Given records ::
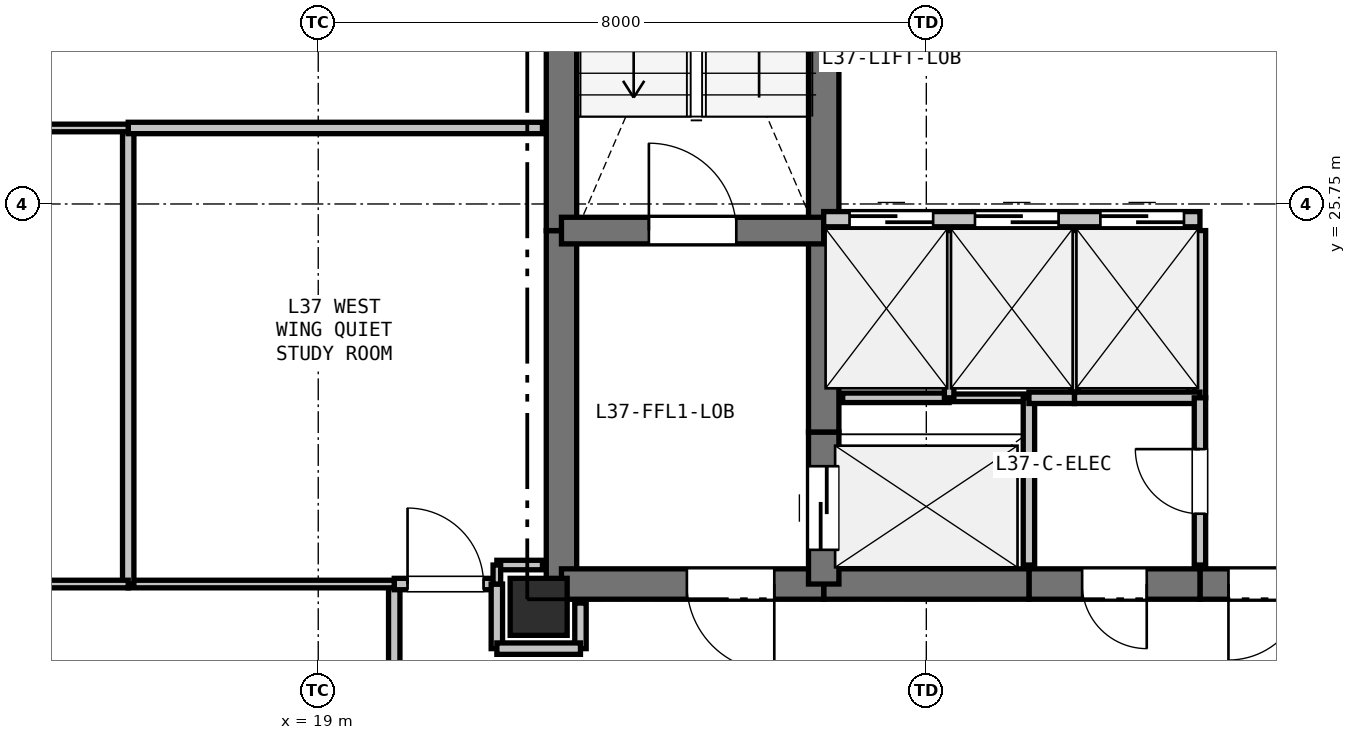
"""IFC4 building model, lengths in metres.
Left out: names, types, materials, properties, quantities, classifications, styles, units other than length and angle.
Written with IfcOpenShell. Run it as: python <this file> out.ifc"""

import sys

from ifc_helpers import new_model, si_unit, direction, frame, frame_2d, origin, origin_2d, place, context, subcontext, project, spatial, rectangle, extrude, element, fill, save


model = new_model("IFC4")
c1 = context("Model", 3, precision=1e-05, world=origin(), true_north=direction((0.0, 1.0)))
c2 = subcontext(c1, "Body", "Model", "MODEL_VIEW")
j1 = project(units=[si_unit("LENGTHUNIT", "METRE"), si_unit("PLANEANGLEUNIT", "RADIAN")], contexts=[c1])
p1 = place(None, origin())
s1 = spatial("IfcSite", under=j1, at=p1, CompositionType="ELEMENT")
p2 = place(p1, origin())
s2 = spatial("IfcBuilding", under=s1, at=p2, CompositionType="ELEMENT")
p3 = place(p2, frame((0.0, 0.0, 134.4)))
s3 = spatial("IfcBuildingStorey", under=s2, at=p3, CompositionType="ELEMENT", Elevation=134.4)
p4 = place(p3, frame((21.9, 20.45, 0.0), z_axis=(0.0, 0.0, 1.0), x_axis=(1.0, 0.0, 0.0)))
e1 = element("IfcColumn", 1, at=p4, inside=s3, PredefinedType="COLUMN", context=c2, shape_type="SweptSolid", body=[
    extrude(rectangle(XDim=0.75, YDim=0.75, at=origin_2d()), origin(), (0.0, 0.0, 1.0), 3.3),
])
p5 = place(p3, frame((16.378, 18.773, 0.0), z_axis=(0.0, 0.0, 1.0), x_axis=(-0.866027848477, 0.499995765644, 0.0)))
e2 = element("IfcWall", 2, at=p5, inside=s3, PredefinedType="SOLIDWALL", context=c2, shape_type="SweptSolid", body=[
    extrude(rectangle(XDim=11.186, YDim=0.25, at=frame_2d((5.593, 0.0))), origin(), (0.0, 0.0, 1.0), 2.68),
])
p6 = place(p5, frame((6.605, 0.0, 0.9)))
e3 = element("IfcOpeningElement", 3, at=p6, cuts=e2, PredefinedType="OPENING", context=c2, shape_type="SweptSolid", body=[
    extrude(rectangle(XDim=1.2, YDim=1.4, at=frame_2d((0.6, 0.7))), frame((0.0, 0.135, 0.0), z_axis=(0.0, -1.0, 0.0), x_axis=(1.0, 0.0, 0.0)), (0.0, 0.0, 1.0), 0.27),
])
p7 = place(p3, frame((22.2, 20.75, 0.0), z_axis=(0.0, 0.0, 1.0), x_axis=(0.0, 1.0, 0.0)))
e4 = element("IfcWall", 4, at=p7, inside=s3, PredefinedType="SHEAR", context=c2, shape_type="SweptSolid", body=[
    extrude(rectangle(XDim=4.65, YDim=0.4, at=frame_2d((2.325, 0.0))), origin(), (0.0, 0.0, 1.0), 3.06),
])
p8 = place(p3, frame((22.2, 25.4, 0.0), z_axis=(0.0, 0.0, 1.0), x_axis=(0.0, 1.0, 0.0)))
e5 = element("IfcWall", 5, at=p8, inside=s3, PredefinedType="SHEAR", context=c2, shape_type="SweptSolid", body=[
    extrude(rectangle(XDim=7.35, YDim=0.4, at=frame_2d((3.675, 0.0))), origin(), (0.0, 0.0, 1.0), 3.06),
])
p9 = place(p3, frame((32.35, 20.75, 0.0), z_axis=(0.0, 0.0, 1.0), x_axis=(-1.0, 0.0, 0.0)))
e6 = element("IfcWall", 6, at=p9, inside=s3, PredefinedType="SHEAR", context=c2, shape_type="SweptSolid", body=[
    extrude(rectangle(XDim=1.75, YDim=0.4, at=frame_2d((0.875, 0.0))), origin(), (0.0, 0.0, 1.0), 3.06),
])
p10 = place(p9, frame((0.375, 0.0, 0.0)))
e7 = element("IfcOpeningElement", 7, at=p10, cuts=e6, PredefinedType="OPENING", context=c2, shape_type="SweptSolid", body=[
    extrude(rectangle(XDim=1.0, YDim=2.15, at=frame_2d((0.5, 1.075))), frame((0.0, 0.21, 0.0), z_axis=(0.0, -1.0, 0.0), x_axis=(1.0, 0.0, 0.0)), (0.0, 0.0, 1.0), 0.42),
])
p11 = place(p3, frame((30.6, 20.75, 0.0), z_axis=(0.0, 0.0, 1.0), x_axis=(-1.0, 0.0, 0.0)))
e8 = element("IfcWall", 8, at=p11, inside=s3, PredefinedType="SHEAR", context=c2, shape_type="SweptSolid", body=[
    extrude(rectangle(XDim=2.25, YDim=0.4, at=frame_2d((1.125, 0.0))), origin(), (0.0, 0.0, 1.0), 3.06),
])
p12 = place(p11, frame((0.7, 0.0, 0.0)))
e9 = element("IfcOpeningElement", 9, at=p12, cuts=e8, PredefinedType="OPENING", context=c2, shape_type="SweptSolid", body=[
    extrude(rectangle(XDim=0.85, YDim=2.1, at=frame_2d((0.425, 1.05))), frame((0.0, 0.21, 0.0), z_axis=(0.0, -1.0, 0.0), x_axis=(1.0, 0.0, 0.0)), (0.0, 0.0, 1.0), 0.42),
])
p13 = place(p3, frame((28.35, 20.75, 0.0), z_axis=(0.0, 0.0, 1.0), x_axis=(-1.0, 0.0, 0.0)))
e10 = element("IfcWall", 10, at=p13, inside=s3, PredefinedType="SHEAR", context=c2, shape_type="SweptSolid", body=[
    extrude(rectangle(XDim=2.7, YDim=0.4, at=frame_2d((1.35, 0.0))), origin(), (0.0, 0.0, 1.0), 3.06),
])
p14 = place(p3, frame((25.65, 20.75, 0.0), z_axis=(0.0, 0.0, 1.0), x_axis=(-1.0, 0.0, 0.0)))
e11 = element("IfcWall", 11, at=p14, inside=s3, PredefinedType="SHEAR", context=c2, shape_type="SweptSolid", body=[
    extrude(rectangle(XDim=3.45, YDim=0.4, at=frame_2d((1.725, 0.0))), origin(), (0.0, 0.0, 1.0), 3.06),
])
p15 = place(p14, frame((0.65, 0.0, 0.0)))
e12 = element("IfcOpeningElement", 12, at=p15, cuts=e11, PredefinedType="OPENING", context=c2, shape_type="SweptSolid", body=[
    extrude(rectangle(XDim=1.15, YDim=2.15, at=frame_2d((0.575, 1.075))), frame((0.0, 0.21, 0.0), z_axis=(0.0, -1.0, 0.0), x_axis=(1.0, 0.0, 0.0)), (0.0, 0.0, 1.0), 0.42),
])
p16 = place(p3, frame((25.65, 20.75, 0.0), z_axis=(0.0, 0.0, 1.0), x_axis=(0.0, 1.0, 0.0)))
e13 = element("IfcWall", 13, at=p16, inside=s3, PredefinedType="SHEAR", context=c2, shape_type="SweptSolid", body=[
    extrude(rectangle(XDim=2.0, YDim=0.4, at=frame_2d((1.0, 0.0))), origin(), (0.0, 0.0, 1.0), 3.06),
])
p17 = place(p16, frame((0.45, 0.0, 0.0)))
e14 = element("IfcOpeningElement", 14, at=p17, cuts=e13, PredefinedType="OPENING", context=c2, shape_type="SweptSolid", body=[
    extrude(rectangle(XDim=1.1, YDim=2.15, at=frame_2d((0.55, 1.075))), frame((0.0, 0.21, 0.0), z_axis=(0.0, -1.0, 0.0), x_axis=(1.0, 0.0, 0.0)), (0.0, 0.0, 1.0), 0.42),
])
p18 = place(p3, frame((25.65, 22.75, 0.0), z_axis=(0.0, 0.0, 1.0), x_axis=(0.0, 1.0, 0.0)))
e15 = element("IfcWall", 15, at=p18, inside=s3, PredefinedType="SHEAR", context=c2, shape_type="SweptSolid", body=[
    extrude(rectangle(XDim=2.8, YDim=0.4, at=frame_2d((1.4, 0.0))), origin(), (0.0, 0.0, 1.0), 3.06),
])
p19 = place(p3, frame((25.65, 25.55, 0.0), z_axis=(0.0, 0.0, 1.0), x_axis=(0.0, 1.0, 0.0)))
e16 = element("IfcWall", 16, at=p19, inside=s3, PredefinedType="SHEAR", context=c2, shape_type="SweptSolid", body=[
    extrude(rectangle(XDim=2.4, YDim=0.4, at=frame_2d((1.2, 0.0))), origin(), (0.0, 0.0, 1.0), 3.06),
])
p20 = place(p3, frame((22.2, 25.4, 0.0), z_axis=(0.0, 0.0, 1.0), x_axis=(1.0, 0.0, 0.0)))
e17 = element("IfcWall", 17, at=p20, inside=s3, PredefinedType="SHEAR", context=c2, shape_type="SweptSolid", body=[
    extrude(rectangle(XDim=3.45, YDim=0.35, at=frame_2d((1.725, 0.0))), origin(), (0.0, 0.0, 1.0), 3.06),
])
p21 = place(p20, frame((1.15, 0.0, 0.0)))
e18 = element("IfcOpeningElement", 18, at=p21, cuts=e17, PredefinedType="OPENING", context=c2, shape_type="SweptSolid", body=[
    extrude(rectangle(XDim=1.15, YDim=2.15, at=frame_2d((0.575, 1.075))), frame((0.0, 0.185, 0.0), z_axis=(0.0, -1.0, 0.0), x_axis=(1.0, 0.0, 0.0)), (0.0, 0.0, 1.0), 0.37),
])
p22 = place(p3, frame((25.65, 25.55, 0.0), z_axis=(0.0, 0.0, 1.0), x_axis=(1.0, 0.0, 0.0)))
e19 = element("IfcWall", 19, at=p22, inside=s3, PredefinedType="PARTITIONING", context=c2, shape_type="SweptSolid", body=[
    extrude(rectangle(XDim=4.95, YDim=0.2, at=frame_2d((2.475, 0.0))), origin(), (0.0, 0.0, 1.0), 3.06),
])
p23 = place(p22, frame((0.34, 0.0, 0.0)))
e20 = element("IfcOpeningElement", 20, at=p23, cuts=e19, PredefinedType="OPENING", context=c2, shape_type="SweptSolid", body=[
    extrude(rectangle(XDim=1.1, YDim=2.15, at=frame_2d((0.55, 1.075))), frame((0.0, 0.11, 0.0), z_axis=(0.0, -1.0, 0.0), x_axis=(1.0, 0.0, 0.0)), (0.0, 0.0, 1.0), 0.22),
])
p24 = place(p22, frame((1.99, 0.0, 0.0)))
e21 = element("IfcOpeningElement", 21, at=p24, cuts=e19, PredefinedType="OPENING", context=c2, shape_type="SweptSolid", body=[
    extrude(rectangle(XDim=1.1, YDim=2.15, at=frame_2d((0.55, 1.075))), frame((0.0, 0.11, 0.0), z_axis=(0.0, -1.0, 0.0), x_axis=(1.0, 0.0, 0.0)), (0.0, 0.0, 1.0), 0.22),
])
p25 = place(p22, frame((3.64, 0.0, 0.0)))
e22 = element("IfcOpeningElement", 22, at=p25, cuts=e19, PredefinedType="OPENING", context=c2, shape_type="SweptSolid", body=[
    extrude(rectangle(XDim=1.1, YDim=2.15, at=frame_2d((0.55, 1.075))), frame((0.0, 0.11, 0.0), z_axis=(0.0, -1.0, 0.0), x_axis=(1.0, 0.0, 0.0)), (0.0, 0.0, 1.0), 0.22),
])
p26 = place(p3, frame((25.9, 23.2, 0.0), z_axis=(0.0, 0.0, 1.0), x_axis=(1.0, 0.0, 0.0)))
e23 = element("IfcWall", 23, at=p26, inside=s3, PredefinedType="PARTITIONING", context=c2, shape_type="SweptSolid", body=[
    extrude(rectangle(XDim=1.4, YDim=0.125, at=frame_2d((0.7, 0.0))), origin(), (0.0, 0.0, 1.0), 3.06),
])
p27 = place(p3, frame((27.3, 23.2, 0.0), z_axis=(0.0, 0.0, 1.0), x_axis=(1.0, 0.0, 0.0)))
e24 = element("IfcWall", 24, at=p27, inside=s3, PredefinedType="PARTITIONING", context=c2, shape_type="SweptSolid", body=[
    extrude(rectangle(XDim=1.05, YDim=0.1, at=frame_2d((0.525, 0.0))), origin(), (0.0, 0.0, 1.0), 3.06),
])
p28 = place(p3, frame((28.35, 23.2, 0.0), z_axis=(0.0, 0.0, 1.0), x_axis=(0.0, -1.0, 0.0)))
e25 = element("IfcWall", 25, at=p28, inside=s3, PredefinedType="PARTITIONING", context=c2, shape_type="SweptSolid", body=[
    extrude(rectangle(XDim=2.2, YDim=0.15, at=frame_2d((1.1, 0.0))), origin(), (0.0, 0.0, 1.0), 3.06),
])
p29 = place(p3, frame((27.3, 25.4, 0.0), z_axis=(0.0, 0.0, 1.0), x_axis=(0.0, -1.0, 0.0)))
e26 = element("IfcWall", 26, at=p29, inside=s3, PredefinedType="PARTITIONING", context=c2, shape_type="SweptSolid", body=[
    extrude(rectangle(XDim=2.2, YDim=0.125, at=frame_2d((1.1, 0.0))), origin(), (0.0, 0.0, 1.0), 3.06),
])
p30 = place(p3, frame((28.95, 25.4, 0.0), z_axis=(0.0, 0.0, 1.0), x_axis=(0.0, -1.0, 0.0)))
e27 = element("IfcWall", 27, at=p30, inside=s3, PredefinedType="PARTITIONING", context=c2, shape_type="SweptSolid", body=[
    extrude(rectangle(XDim=2.2, YDim=0.1, at=frame_2d((1.1, 0.0))), origin(), (0.0, 0.0, 1.0), 3.06),
])
p31 = place(p3, frame((28.95, 23.2, 0.0), z_axis=(0.0, 0.0, 1.0), x_axis=(-1.0, 0.0, 0.0)))
e28 = element("IfcWall", 28, at=p31, inside=s3, PredefinedType="PARTITIONING", context=c2, shape_type="SweptSolid", body=[
    extrude(rectangle(XDim=0.6, YDim=0.15, at=frame_2d((0.3, 0.0))), origin(), (0.0, 0.0, 1.0), 3.06),
])
p32 = place(p3, frame((30.6, 25.4, 0.0), z_axis=(0.0, 0.0, 1.0), x_axis=(0.0, -1.0, 0.0)))
e29 = element("IfcWall", 29, at=p32, inside=s3, PredefinedType="PARTITIONING", context=c2, shape_type="SweptSolid", body=[
    extrude(rectangle(XDim=2.2, YDim=0.15, at=frame_2d((1.1, 0.0))), origin(), (0.0, 0.0, 1.0), 3.06),
])
p33 = place(p3, frame((30.6, 23.2, 0.0), z_axis=(0.0, 0.0, 1.0), x_axis=(-1.0, 0.0, 0.0)))
e30 = element("IfcWall", 30, at=p33, inside=s3, PredefinedType="PARTITIONING", context=c2, shape_type="SweptSolid", body=[
    extrude(rectangle(XDim=1.65, YDim=0.15, at=frame_2d((0.825, 0.0))), origin(), (0.0, 0.0, 1.0), 3.06),
])
p34 = place(p3, frame((30.6, 21.0, 0.0), z_axis=(0.0, 0.0, 1.0), x_axis=(0.0, 1.0, 0.0)))
e31 = element("IfcWall", 31, at=p34, inside=s3, PredefinedType="PARTITIONING", context=c2, shape_type="SweptSolid", body=[
    extrude(rectangle(XDim=2.2, YDim=0.15, at=frame_2d((1.1, 0.0))), origin(), (0.0, 0.0, 1.0), 3.06),
])
p35 = place(p34, frame((0.675, 0.0, 0.0)))
e32 = element("IfcOpeningElement", 32, at=p35, cuts=e31, PredefinedType="OPENING", context=c2, shape_type="SweptSolid", body=[
    extrude(rectangle(XDim=0.85, YDim=2.1, at=frame_2d((0.425, 1.05))), frame((0.0, 0.085, 0.0), z_axis=(0.0, -1.0, 0.0), x_axis=(1.0, 0.0, 0.0)), (0.0, 0.0, 1.0), 0.17),
])
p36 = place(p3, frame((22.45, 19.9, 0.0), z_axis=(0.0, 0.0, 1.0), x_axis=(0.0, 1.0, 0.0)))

Exercise prompt :: In the records above, each line with the string "cuts" should be copied.

Task answer ::
e3 = element("IfcOpeningElement", 3, at=p6, cuts=e2, PredefinedType="OPENING", context=c2, shape_type="SweptSolid", body=[
e7 = element("IfcOpeningElement", 7, at=p10, cuts=e6, PredefinedType="OPENING", context=c2, shape_type="SweptSolid", body=[
e9 = element("IfcOpeningElement", 9, at=p12, cuts=e8, PredefinedType="OPENING", context=c2, shape_type="SweptSolid", body=[
e12 = element("IfcOpeningElement", 12, at=p15, cuts=e11, PredefinedType="OPENING", context=c2, shape_type="SweptSolid", body=[
e14 = element("IfcOpeningElement", 14, at=p17, cuts=e13, PredefinedType="OPENING", context=c2, shape_type="SweptSolid", body=[
e18 = element("IfcOpeningElement", 18, at=p21, cuts=e17, PredefinedType="OPENING", context=c2, shape_type="SweptSolid", body=[
e20 = element("IfcOpeningElement", 20, at=p23, cuts=e19, PredefinedType="OPENING", context=c2, shape_type="SweptSolid", body=[
e21 = element("IfcOpeningElement", 21, at=p24, cuts=e19, PredefinedType="OPENING", context=c2, shape_type="SweptSolid", body=[
e22 = element("IfcOpeningElement", 22, at=p25, cuts=e19, PredefinedType="OPENING", context=c2, shape_type="SweptSolid", body=[
e32 = element("IfcOpeningElement", 32, at=p35, cuts=e31, PredefinedType="OPENING", context=c2, shape_type="SweptSolid", body=[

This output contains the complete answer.